__What to work on__:
Note each line of the entries that includes "save". Then copy those lines.

__Supplied entries__:
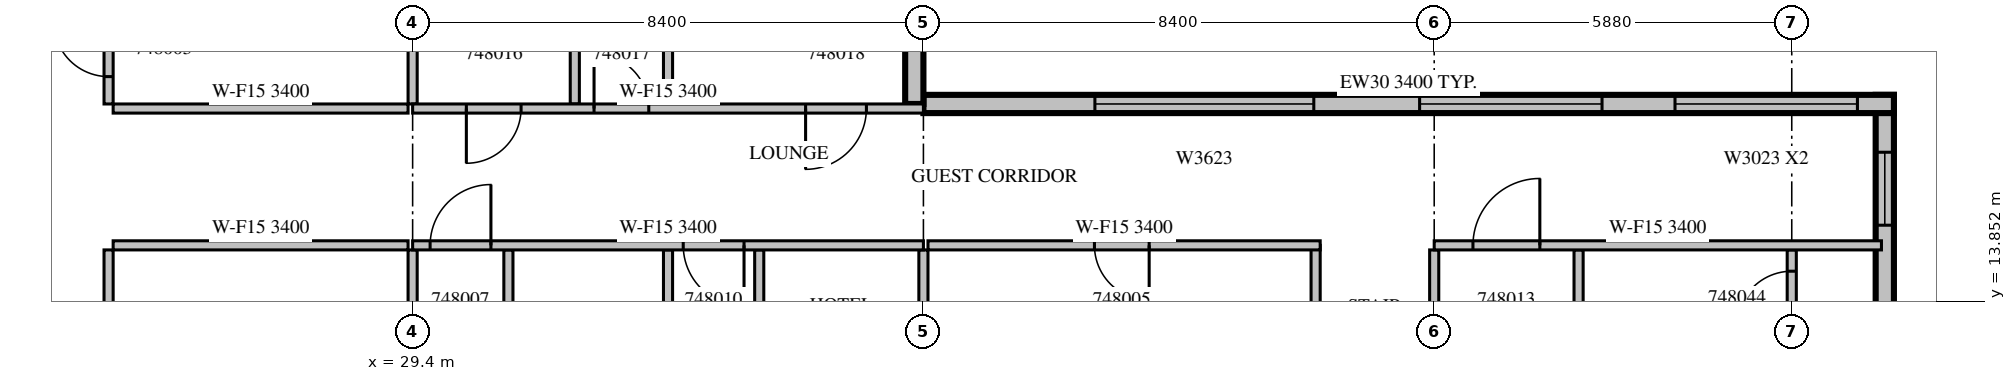
"""IFC4 building model, lengths in metres.
Left out: names, types, materials, properties, quantities, classifications, styles, units other than length and angle.
Written with IfcOpenShell. Run it as: python <this file> out.ifc"""

import sys

from ifc_helpers import new_model, si_unit, direction, frame, frame_2d, origin, place, context, subcontext, project, spatial, rectangle, extrude, source, transform, mapped, element, fill, save


model = new_model("IFC4")
c1 = context("Model", 3, precision=1e-05, world=origin(), true_north=direction((0.0, 1.0)))
c2 = subcontext(c1, "Body", "Model", "MODEL_VIEW")
j1 = project(units=[si_unit("LENGTHUNIT", "METRE"), si_unit("PLANEANGLEUNIT", "RADIAN")], contexts=[c1])
p1 = place(None, origin())
s1 = spatial("IfcSite", under=j1, at=p1, CompositionType="ELEMENT")
p2 = place(p1, origin())
s2 = spatial("IfcBuilding", under=s1, at=p2, CompositionType="ELEMENT")
p3 = place(p2, frame((0.0, 0.0, 215.8)))
s3 = spatial("IfcBuildingStorey", under=s2, at=p3, CompositionType="ELEMENT", Elevation=215.8)
m1 = source(origin(), c2, "Body", "SweptSolid", [
    extrude(rectangle(XDim=6.75, YDim=0.3, at=frame_2d((3.375, 0.0))), origin(), (0.0, 0.0, 1.0), 3.4),
])
p4 = place(p3, frame((53.61, 10.5, 0.0), z_axis=(0.0, 0.0, 1.0), x_axis=(0.0, 1.0, 0.0)))
e1 = element("IfcWall", 1, at=p4, inside=s3, PredefinedType="STANDARD", context=c2, shape_type="MappedRepresentation", body=[
    mapped(m1, transform((0.0, 0.0, 0.0), scale=1.0)),
])
m2 = source(origin(), c2, "Body", "SweptSolid", [
    extrude(rectangle(XDim=1.2, YDim=2.3, at=frame_2d((0.6, 1.15))), frame((0.0, 0.16, 0.0), z_axis=(0.0, -1.0, 0.0), x_axis=(1.0, 0.0, 0.0)), (0.0, 0.0, 1.0), 0.32),
])
p5 = place(p4, frame((1.087, 0.0, 0.6)))
e2 = element("IfcOpeningElement", 2, at=p5, cuts=e1, PredefinedType="OPENING", context=c2, shape_type="MappedRepresentation", body=[
    mapped(m2, transform((0.0, 0.0, 0.0), scale=1.0)),
])
p6 = place(p4, frame((4.606, 0.0, 0.6)))
e3 = element("IfcOpeningElement", 3, at=p6, cuts=e1, PredefinedType="OPENING", context=c2, shape_type="MappedRepresentation", body=[
    mapped(m2, transform((0.0, 0.0, 0.0), scale=1.0)),
])
p7 = place(p3, frame((53.76, 17.1, 0.0), z_axis=(0.0, 0.0, 1.0), x_axis=(-1.0, 0.0, 0.0)))
e4 = element("IfcWall", 4, at=p7, inside=s3, PredefinedType="STANDARD", context=c2, shape_type="SweptSolid", body=[
    extrude(rectangle(XDim=15.96, YDim=0.3, at=frame_2d((7.98, 0.0))), origin(), (0.0, 0.0, 1.0), 3.4),
])
m3 = source(origin(), c2, "Body", "SweptSolid", [
    extrude(rectangle(XDim=3.0, YDim=2.3, at=frame_2d((1.5, 1.15))), frame((0.0, 0.16, 0.0), z_axis=(0.0, -1.0, 0.0), x_axis=(1.0, 0.0, 0.0)), (0.0, 0.0, 1.0), 0.32),
])
p8 = place(p7, frame((0.6, 0.0, 0.6)))
e5 = element("IfcOpeningElement", 5, at=p8, cuts=e4, PredefinedType="OPENING", context=c2, shape_type="MappedRepresentation", body=[
    mapped(m3, transform((0.0, 0.0, 0.0), scale=1.0)),
])
p9 = place(p7, frame((4.8, 0.0, 0.6)))
e6 = element("IfcOpeningElement", 6, at=p9, cuts=e4, PredefinedType="OPENING", context=c2, shape_type="MappedRepresentation", body=[
    mapped(m3, transform((0.0, 0.0, 0.0), scale=1.0)),
])
m4 = source(origin(), c2, "Body", "SweptSolid", [
    extrude(rectangle(XDim=3.6, YDim=2.3, at=frame_2d((1.8, 1.15))), frame((0.0, 0.16, 0.0), z_axis=(0.0, -1.0, 0.0), x_axis=(1.0, 0.0, 0.0)), (0.0, 0.0, 1.0), 0.32),
])
p10 = place(p7, frame((9.54, 0.0, 0.6)))
e7 = element("IfcOpeningElement", 7, at=p10, cuts=e4, PredefinedType="OPENING", context=c2, shape_type="MappedRepresentation", body=[
    mapped(m4, transform((0.0, 0.0, 0.0), scale=1.0)),
])
m5 = source(origin(), c2, "Body", "SweptSolid", [
    extrude(rectangle(XDim=3.0, YDim=0.3, at=frame_2d((1.5, 0.0))), origin(), (0.0, 0.0, 1.0), 3.4),
])
p11 = place(p3, frame((37.65, 17.1, 0.0), z_axis=(0.0, 0.0, 1.0), x_axis=(0.0, 1.0, 0.0)))
e8 = element("IfcWall", 8, at=p11, inside=s3, PredefinedType="STANDARD", context=c2, shape_type="MappedRepresentation", body=[
    mapped(m5, transform((0.0, 0.0, 0.0), scale=1.0)),
])
p12 = place(p11, frame((1.425, 0.0, 0.6)))
e9 = element("IfcOpeningElement", 9, at=p12, cuts=e8, PredefinedType="OPENING", context=c2, shape_type="MappedRepresentation", body=[
    mapped(m2, transform((0.0, 0.0, 0.0), scale=1.0)),
])
m6 = source(origin(), c2, "Body", "SweptSolid", [
    extrude(rectangle(XDim=11.225, YDim=0.15, at=frame_2d((5.612, 0.0))), origin(), (0.0, 0.0, 1.0), 2.4),
])
p13 = place(p3, frame((24.4, 14.7, 0.0), z_axis=(0.0, 0.0, 1.0), x_axis=(0.0, -1.0, 0.0)))
e10 = element("IfcWall", 10, at=p13, inside=s3, PredefinedType="PARTITIONING", context=c2, shape_type="MappedRepresentation", body=[
    mapped(m6, transform((0.0, 0.0, 0.0), scale=1.0)),
])
m7 = source(origin(), c2, "Body", "SweptSolid", [
    extrude(rectangle(XDim=0.9, YDim=2.1, at=frame_2d((0.45, 1.05))), frame((0.0, 0.085, 0.0), z_axis=(0.0, -1.0, 0.0), x_axis=(1.0, 0.0, 0.0)), (0.0, 0.0, 1.0), 0.17),
])
p14 = place(p13, frame((9.062, 0.0, 0.0)))
e11 = element("IfcOpeningElement", 11, at=p14, cuts=e10, PredefinedType="OPENING", context=c2, shape_type="MappedRepresentation", body=[
    mapped(m7, transform((0.0, 0.0, 0.0), scale=1.0)),
])
p15 = place(p13, frame((2.575, 0.0, 0.0)))
e12 = element("IfcOpeningElement", 12, at=p15, cuts=e10, PredefinedType="OPENING", context=c2, shape_type="MappedRepresentation", body=[
    mapped(m7, transform((0.0, 0.0, 0.0), scale=1.0)),
])
m8 = source(origin(), c2, "Body", "SweptSolid", [
    extrude(rectangle(XDim=3.6, YDim=0.15, at=frame_2d((1.8, 0.0))), origin(), (0.0, 0.0, 1.0), 3.4),
])
p16 = place(p3, frame((24.4, 20.7, 0.0), z_axis=(0.0, 0.0, 1.0), x_axis=(0.0, -1.0, 0.0)))
e13 = element("IfcWall", 13, at=p16, inside=s3, PredefinedType="PARTITIONING", context=c2, shape_type="MappedRepresentation", body=[
    mapped(m8, transform((0.0, 0.0, 0.0), scale=1.0)),
])
p17 = place(p16, frame((2.25, 0.0, 0.0)))
e14 = element("IfcOpeningElement", 14, at=p17, cuts=e13, PredefinedType="OPENING", context=c2, shape_type="MappedRepresentation", body=[
    mapped(m7, transform((0.0, 0.0, 0.0), scale=1.0)),
])
m9 = source(origin(), c2, "Body", "SweptSolid", [
    extrude(rectangle(XDim=4.85, YDim=0.15, at=frame_2d((2.425, 0.0))), origin(), (0.0, 0.0, 1.0), 3.4),
])
for number, where, z_axis, x_axis in (
    (15, (29.325, 14.775, 0.0), (0.0, 0.0, 1.0), (-1.0, 0.0, 0.0)),
    (16, (24.475, 17.025, 0.0), (0.0, 0.0, 1.0), (1.0, 0.0, 0.0)),
):
    element("IfcWall", number, at=place(p3, frame(where, z_axis=z_axis, x_axis=x_axis)), inside=s3, PredefinedType="PARTITIONING", context=c2, shape_type="MappedRepresentation", body=[
        mapped(m9, transform((0.0, 0.0, 0.0), scale=1.0)),
    ])
m10 = source(origin(), c2, "Body", "SweptSolid", [
    extrude(rectangle(XDim=3.751, YDim=0.15, at=frame_2d((1.875, 0.0))), origin(), (0.0, 0.0, 1.0), 3.4),
])
p18 = place(p3, frame((29.4, 10.949, 0.0), z_axis=(0.0, 0.0, 1.0), x_axis=(0.0, 1.0, 0.0)))
e17 = element("IfcWall", 17, at=p18, inside=s3, PredefinedType="PARTITIONING", context=c2, shape_type="MappedRepresentation", body=[
    mapped(m10, transform((0.0, 0.0, 0.0), scale=1.0)),
])
m11 = source(origin(), c2, "Body", "SweptSolid", [
    extrude(rectangle(XDim=3.001, YDim=0.15, at=frame_2d((1.5, 0.0))), origin(), (0.0, 0.0, 1.0), 3.4),
])
p19 = place(p3, frame((29.4, 17.1, 0.0), z_axis=(0.0, 0.0, 1.0), x_axis=(0.0, 1.0, 0.0)))
e18 = element("IfcWall", 18, at=p19, inside=s3, PredefinedType="PARTITIONING", context=c2, shape_type="MappedRepresentation", body=[
    mapped(m11, transform((0.0, 0.0, 0.0), scale=1.0)),
])
p20 = place(p3, frame((44.25, 11.5, 0.0), z_axis=(0.0, 0.0, 1.0), x_axis=(0.0, 1.0, 0.0)))
e19 = element("IfcWall", 19, at=p20, inside=s3, PredefinedType="PARTITIONING", context=c2, shape_type="SweptSolid", body=[
    extrude(rectangle(XDim=3.275, YDim=0.15, at=frame_2d((1.637, 0.0))), origin(), (0.0, 0.0, 1.0), 3.4),
])
m12 = source(origin(), c2, "Body", "SweptSolid", [
    extrude(rectangle(XDim=6.45, YDim=0.15, at=frame_2d((3.225, 0.0))), origin(), (0.0, 0.0, 1.0), 3.4),
])
p21 = place(p3, frame((44.325, 14.775, 0.0), z_axis=(0.0, 0.0, 1.0), x_axis=(-1.0, 0.0, 0.0)))
e20 = element("IfcWall", 20, at=p21, inside=s3, PredefinedType="PARTITIONING", context=c2, shape_type="MappedRepresentation", body=[
    mapped(m12, transform((0.0, 0.0, 0.0), scale=1.0)),
])
p22 = place(p21, frame((2.812, 0.0, 0.0)))
e21 = element("IfcOpeningElement", 21, at=p22, cuts=e20, PredefinedType="OPENING", context=c2, shape_type="MappedRepresentation", body=[
    mapped(m7, transform((0.0, 0.0, 0.0), scale=1.0)),
])
for number, where, z_axis, x_axis in (
    (22, (30.975, 11.1, 0.0), (0.0, 0.0, 1.0), (0.0, 1.0, 0.0)),
    (23, (33.6, 11.1, 0.0), (0.0, 0.0, 1.0), (0.0, 1.0, 0.0)),
    (24, (35.1, 11.1, 0.0), (0.0, 0.0, 1.0), (0.0, 1.0, 0.0)),
    (25, (37.8, 11.1, 0.0), (0.0, 0.0, 1.0), (0.0, 1.0, 0.0)),
    (26, (48.574, 11.1, 0.0), (0.0, 0.0, 1.0), (0.0, 1.0, 0.0)),
):
    element("IfcWall", number, at=place(p3, frame(where, z_axis=z_axis, x_axis=x_axis)), inside=s3, PredefinedType="PARTITIONING", context=c2, shape_type="MappedRepresentation", body=[
        mapped(m8, transform((0.0, 0.0, 0.0), scale=1.0)),
    ])
p23 = place(p3, frame((52.08, 11.1, 0.0), z_axis=(0.0, 0.0, 1.0), x_axis=(0.0, 1.0, 0.0)))
e27 = element("IfcWall", 27, at=p23, inside=s3, PredefinedType="PARTITIONING", context=c2, shape_type="MappedRepresentation", body=[
    mapped(m8, transform((0.0, 0.0, 0.0), scale=1.0)),
])
p24 = place(p23, frame((1.35, 0.0, 0.0)))
e28 = element("IfcOpeningElement", 28, at=p24, cuts=e27, PredefinedType="OPENING", context=c2, shape_type="MappedRepresentation", body=[
    mapped(m7, transform((0.0, 0.0, 0.0), scale=1.0)),
])
p25 = place(p23, frame((2.35, 0.0, 0.0)))
e29 = element("IfcOpeningElement", 29, at=p25, cuts=e27, PredefinedType="OPENING", context=c2, shape_type="MappedRepresentation", body=[
    mapped(m7, transform((0.0, 0.0, 0.0), scale=1.0)),
])
p26 = place(p23, frame((0.35, 0.0, 0.0)))
e30 = element("IfcOpeningElement", 30, at=p26, cuts=e27, PredefinedType="OPENING", context=c2, shape_type="MappedRepresentation", body=[
    mapped(m7, transform((0.0, 0.0, 0.0), scale=1.0)),
])
for number, where, z_axis, x_axis in (
    (31, (46.2, 11.1, 0.0), (0.0, 0.0, 1.0), (0.0, 1.0, 0.0)),
    (32, (32.067, 20.7, 0.0), (0.0, 0.0, 1.0), (0.0, -1.0, 0.0)),
    (33, (33.6, 17.1, 0.0), (0.0, 0.0, 1.0), (0.0, 1.0, 0.0)),
):
    element("IfcWall", number, at=place(p3, frame(where, z_axis=z_axis, x_axis=x_axis)), inside=s3, PredefinedType="PARTITIONING", context=c2, shape_type="MappedRepresentation", body=[
        mapped(m8, transform((0.0, 0.0, 0.0), scale=1.0)),
    ])
m13 = source(origin(), c2, "Body", "SweptSolid", [
    extrude(rectangle(XDim=8.4, YDim=0.15, at=frame_2d((4.2, 0.0))), origin(), (0.0, 0.0, 1.0), 3.4),
])
p27 = place(p3, frame((37.8, 14.775, 0.0), z_axis=(0.0, 0.0, 1.0), x_axis=(-1.0, 0.0, 0.0)))
e34 = element("IfcWall", 34, at=p27, inside=s3, PredefinedType="PARTITIONING", context=c2, shape_type="MappedRepresentation", body=[
    mapped(m13, transform((0.0, 0.0, 0.0), scale=1.0)),
])
m14 = source(origin(), c2, "Body", "SweptSolid", [
    extrude(rectangle(XDim=1.0, YDim=2.1, at=frame_2d((0.5, 1.05))), frame((0.0, 0.085, 0.0), z_axis=(0.0, -1.0, 0.0), x_axis=(1.0, 0.0, 0.0)), (0.0, 0.0, 1.0), 0.17),
])
p28 = place(p27, frame((7.112, 0.0, 0.0)))
e35 = element("IfcOpeningElement", 35, at=p28, cuts=e34, PredefinedType="OPENING", context=c2, shape_type="MappedRepresentation", body=[
    mapped(m14, transform((0.0, 0.0, 0.0), scale=1.0)),
])
p29 = place(p27, frame((2.95, 0.0, 0.0)))
e36 = element("IfcOpeningElement", 36, at=p29, cuts=e34, PredefinedType="OPENING", context=c2, shape_type="MappedRepresentation", body=[
    mapped(m14, transform((0.0, 0.0, 0.0), scale=1.0)),
])
m15 = source(origin(), c2, "Body", "SweptSolid", [
    extrude(rectangle(XDim=7.355, YDim=0.15, at=frame_2d((3.678, 0.0))), origin(), (0.0, 0.0, 1.0), 3.4),
])
p30 = place(p3, frame((53.555, 14.775, 0.0), z_axis=(0.0, 0.0, 1.0), x_axis=(-1.0, 0.0, 0.0)))
e37 = element("IfcWall", 37, at=p30, inside=s3, PredefinedType="PARTITIONING", context=c2, shape_type="MappedRepresentation", body=[
    mapped(m15, transform((0.0, 0.0, 0.0), scale=1.0)),
])
m16 = source(origin(), c2, "Body", "SweptSolid", [
    extrude(rectangle(XDim=1.1, YDim=2.1, at=frame_2d((0.55, 1.05))), frame((0.0, 0.085, 0.0), z_axis=(0.0, -1.0, 0.0), x_axis=(1.0, 0.0, 0.0)), (0.0, 0.0, 1.0), 0.17),
])
p31 = place(p30, frame((5.618, 0.0, 0.0)))
e38 = element("IfcOpeningElement", 38, at=p31, cuts=e37, PredefinedType="OPENING", context=c2, shape_type="MappedRepresentation", body=[
    mapped(m16, transform((0.0, 0.0, 0.0), scale=1.0)),
])
p32 = place(p3, frame((29.4, 17.025, 0.0), z_axis=(0.0, 0.0, 1.0), x_axis=(1.0, 0.0, 0.0)))
e39 = element("IfcWall", 39, at=p32, inside=s3, PredefinedType="PARTITIONING", context=c2, shape_type="MappedRepresentation", body=[
    mapped(m13, transform((0.0, 0.0, 0.0), scale=1.0)),
])
p33 = place(p32, frame((0.883, 0.0, 0.0)))
e40 = element("IfcOpeningElement", 40, at=p33, cuts=e39, PredefinedType="OPENING", context=c2, shape_type="MappedRepresentation", body=[
    mapped(m7, transform((0.0, 0.0, 0.0), scale=1.0)),
])
p34 = place(p32, frame((2.983, 0.0, 0.0)))
e41 = element("IfcOpeningElement", 41, at=p34, cuts=e39, PredefinedType="OPENING", context=c2, shape_type="MappedRepresentation", body=[
    mapped(m7, transform((0.0, 0.0, 0.0), scale=1.0)),
])
p35 = place(p32, frame((6.463, 0.0, 0.0)))
e42 = element("IfcOpeningElement", 42, at=p35, cuts=e39, PredefinedType="OPENING", context=c2, shape_type="MappedRepresentation", body=[
    mapped(m14, transform((0.0, 0.0, 0.0), scale=1.0)),
])
m17 = source(origin(), c2, "Body", "SweptSolid", [
    extrude(rectangle(XDim=1.2, YDim=2.3, at=frame_2d((0.6, 1.15))), frame((0.0, 0.03, 0.0), z_axis=(0.0, -1.0, 0.0), x_axis=(1.0, 0.0, 0.0)), (0.0, 0.0, 1.0), 0.06),
])
p36 = place(p6, origin())
e43 = element("IfcWindow", 43, at=p36, inside=s3, PartitioningType="SINGLE_PANEL", PredefinedType="WINDOW", context=c2, shape_type="MappedRepresentation", body=[
    mapped(m17, transform((0.0, 0.0, 0.0), scale=1.0)),
])
fill(e3, e43)
m18 = source(origin(), c2, "Body", "SweptSolid", [
    extrude(rectangle(XDim=3.0, YDim=2.3, at=frame_2d((1.5, 1.15))), frame((0.0, 0.03, 0.0), z_axis=(0.0, -1.0, 0.0), x_axis=(1.0, 0.0, 0.0)), (0.0, 0.0, 1.0), 0.06),
])
p37 = place(p8, origin())
e44 = element("IfcWindow", 44, at=p37, inside=s3, PartitioningType="SINGLE_PANEL", PredefinedType="WINDOW", context=c2, shape_type="MappedRepresentation", body=[
    mapped(m18, transform((0.0, 0.0, 0.0), scale=1.0)),
])
fill(e5, e44)
p38 = place(p9, origin())
e45 = element("IfcWindow", 45, at=p38, inside=s3, PartitioningType="SINGLE_PANEL", PredefinedType="WINDOW", context=c2, shape_type="MappedRepresentation", body=[
    mapped(m18, transform((0.0, 0.0, 0.0), scale=1.0)),
])
fill(e6, e45)
m19 = source(origin(), c2, "Body", "SweptSolid", [
    extrude(rectangle(XDim=3.6, YDim=2.3, at=frame_2d((1.8, 1.15))), frame((0.0, 0.03, 0.0), z_axis=(0.0, -1.0, 0.0), x_axis=(1.0, 0.0, 0.0)), (0.0, 0.0, 1.0), 0.06),
])
p39 = place(p10, origin())
e46 = element("IfcWindow", 46, at=p39, inside=s3, PartitioningType="SINGLE_PANEL", PredefinedType="WINDOW", context=c2, shape_type="MappedRepresentation", body=[
    mapped(m19, transform((0.0, 0.0, 0.0), scale=1.0)),
])
fill(e7, e46)
m20 = source(origin(), c2, "Body", "SweptSolid", [
    extrude(rectangle(XDim=0.9, YDim=2.1, at=frame_2d((0.45, 1.05))), frame((0.0, 0.025, 0.0), z_axis=(0.0, -1.0, 0.0), x_axis=(1.0, 0.0, 0.0)), (0.0, 0.0, 1.0), 0.05),
])
p40 = place(p17, origin())
e47 = element("IfcDoor", 47, at=p40, inside=s3, OperationType="SINGLE_SWING_RIGHT", PredefinedType="DOOR", context=c2, shape_type="MappedRepresentation", body=[
    mapped(m20, transform((0.0, 0.0, 0.0), scale=1.0)),
])
fill(e14, e47)
p41 = place(p22, origin())
e48 = element("IfcDoor", 48, at=p41, inside=s3, OperationType="SINGLE_SWING_LEFT", PredefinedType="DOOR", context=c2, shape_type="MappedRepresentation", body=[
    mapped(m20, transform((0.0, 0.0, 0.0), scale=1.0)),
])
fill(e21, e48)
m21 = source(origin(), c2, "Body", "SweptSolid", [
    extrude(rectangle(XDim=1.0, YDim=2.1, at=frame_2d((0.5, 1.05))), frame((0.0, 0.025, 0.0), z_axis=(0.0, -1.0, 0.0), x_axis=(1.0, 0.0, 0.0)), (0.0, 0.0, 1.0), 0.05),
])
p42 = place(p28, origin())
e49 = element("IfcDoor", 49, at=p42, inside=s3, OperationType="SINGLE_SWING_RIGHT", PredefinedType="DOOR", context=c2, shape_type="MappedRepresentation", body=[
    mapped(m21, transform((0.0, 0.0, 0.0), scale=1.0)),
])
fill(e35, e49)
p43 = place(p29, origin())
e50 = element("IfcDoor", 50, at=p43, inside=s3, OperationType="SINGLE_SWING_LEFT", PredefinedType="DOOR", context=c2, shape_type="MappedRepresentation", body=[
    mapped(m21, transform((0.0, 0.0, 0.0), scale=1.0)),
])
fill(e36, e50)
m22 = source(origin(), c2, "Body", "SweptSolid", [
    extrude(rectangle(XDim=1.1, YDim=2.1, at=frame_2d((0.55, 1.05))), frame((0.0, 0.025, 0.0), z_axis=(0.0, -1.0, 0.0), x_axis=(1.0, 0.0, 0.0)), (0.0, 0.0, 1.0), 0.05),
])
p44 = place(p31, origin())
e51 = element("IfcDoor", 51, at=p44, inside=s3, OperationType="SINGLE_SWING_RIGHT", PredefinedType="DOOR", context=c2, shape_type="MappedRepresentation", body=[
    mapped(m22, transform((0.0, 0.0, 0.0), scale=1.0)),
])
fill(e38, e51)
p45 = place(p33, origin())
e52 = element("IfcDoor", 52, at=p45, inside=s3, OperationType="SINGLE_SWING_RIGHT", PredefinedType="DOOR", context=c2, shape_type="MappedRepresentation", body=[
    mapped(m20, transform((0.0, 0.0, 0.0), scale=1.0)),
])
fill(e40, e52)
p46 = place(p34, origin())
e53 = element("IfcDoor", 53, at=p46, inside=s3, OperationType="SINGLE_SWING_LEFT", PredefinedType="DOOR", context=c2, shape_type="MappedRepresentation", body=[
    mapped(m20, transform((0.0, 0.0, 0.0), scale=1.0)),
])
fill(e41, e53)
p47 = place(p35, origin())
e54 = element("IfcDoor", 54, at=p47, inside=s3, OperationType="SINGLE_SWING_RIGHT", PredefinedType="DOOR", context=c2, shape_type="MappedRepresentation", body=[
    mapped(m21, transform((0.0, 0.0, 0.0), scale=1.0)),
])
fill(e42, e54)
p48 = place(p25, origin())
e55 = element("IfcDoor", 55, at=p48, inside=s3, OperationType="SINGLE_SWING_LEFT", PredefinedType="DOOR", context=c2, shape_type="MappedRepresentation", body=[
    mapped(m20, transform((0.0, 0.0, 0.0), scale=1.0)),
])
fill(e29, e55)
save(model, sys.argv[1])

__Response area__:
from ifc_helpers import new_model, si_unit, direction, frame, frame_2d, origin, place, context, subcontext, project, spatial, rectangle, extrude, source, transform, mapped, element, fill, save
save(model, sys.argv[1])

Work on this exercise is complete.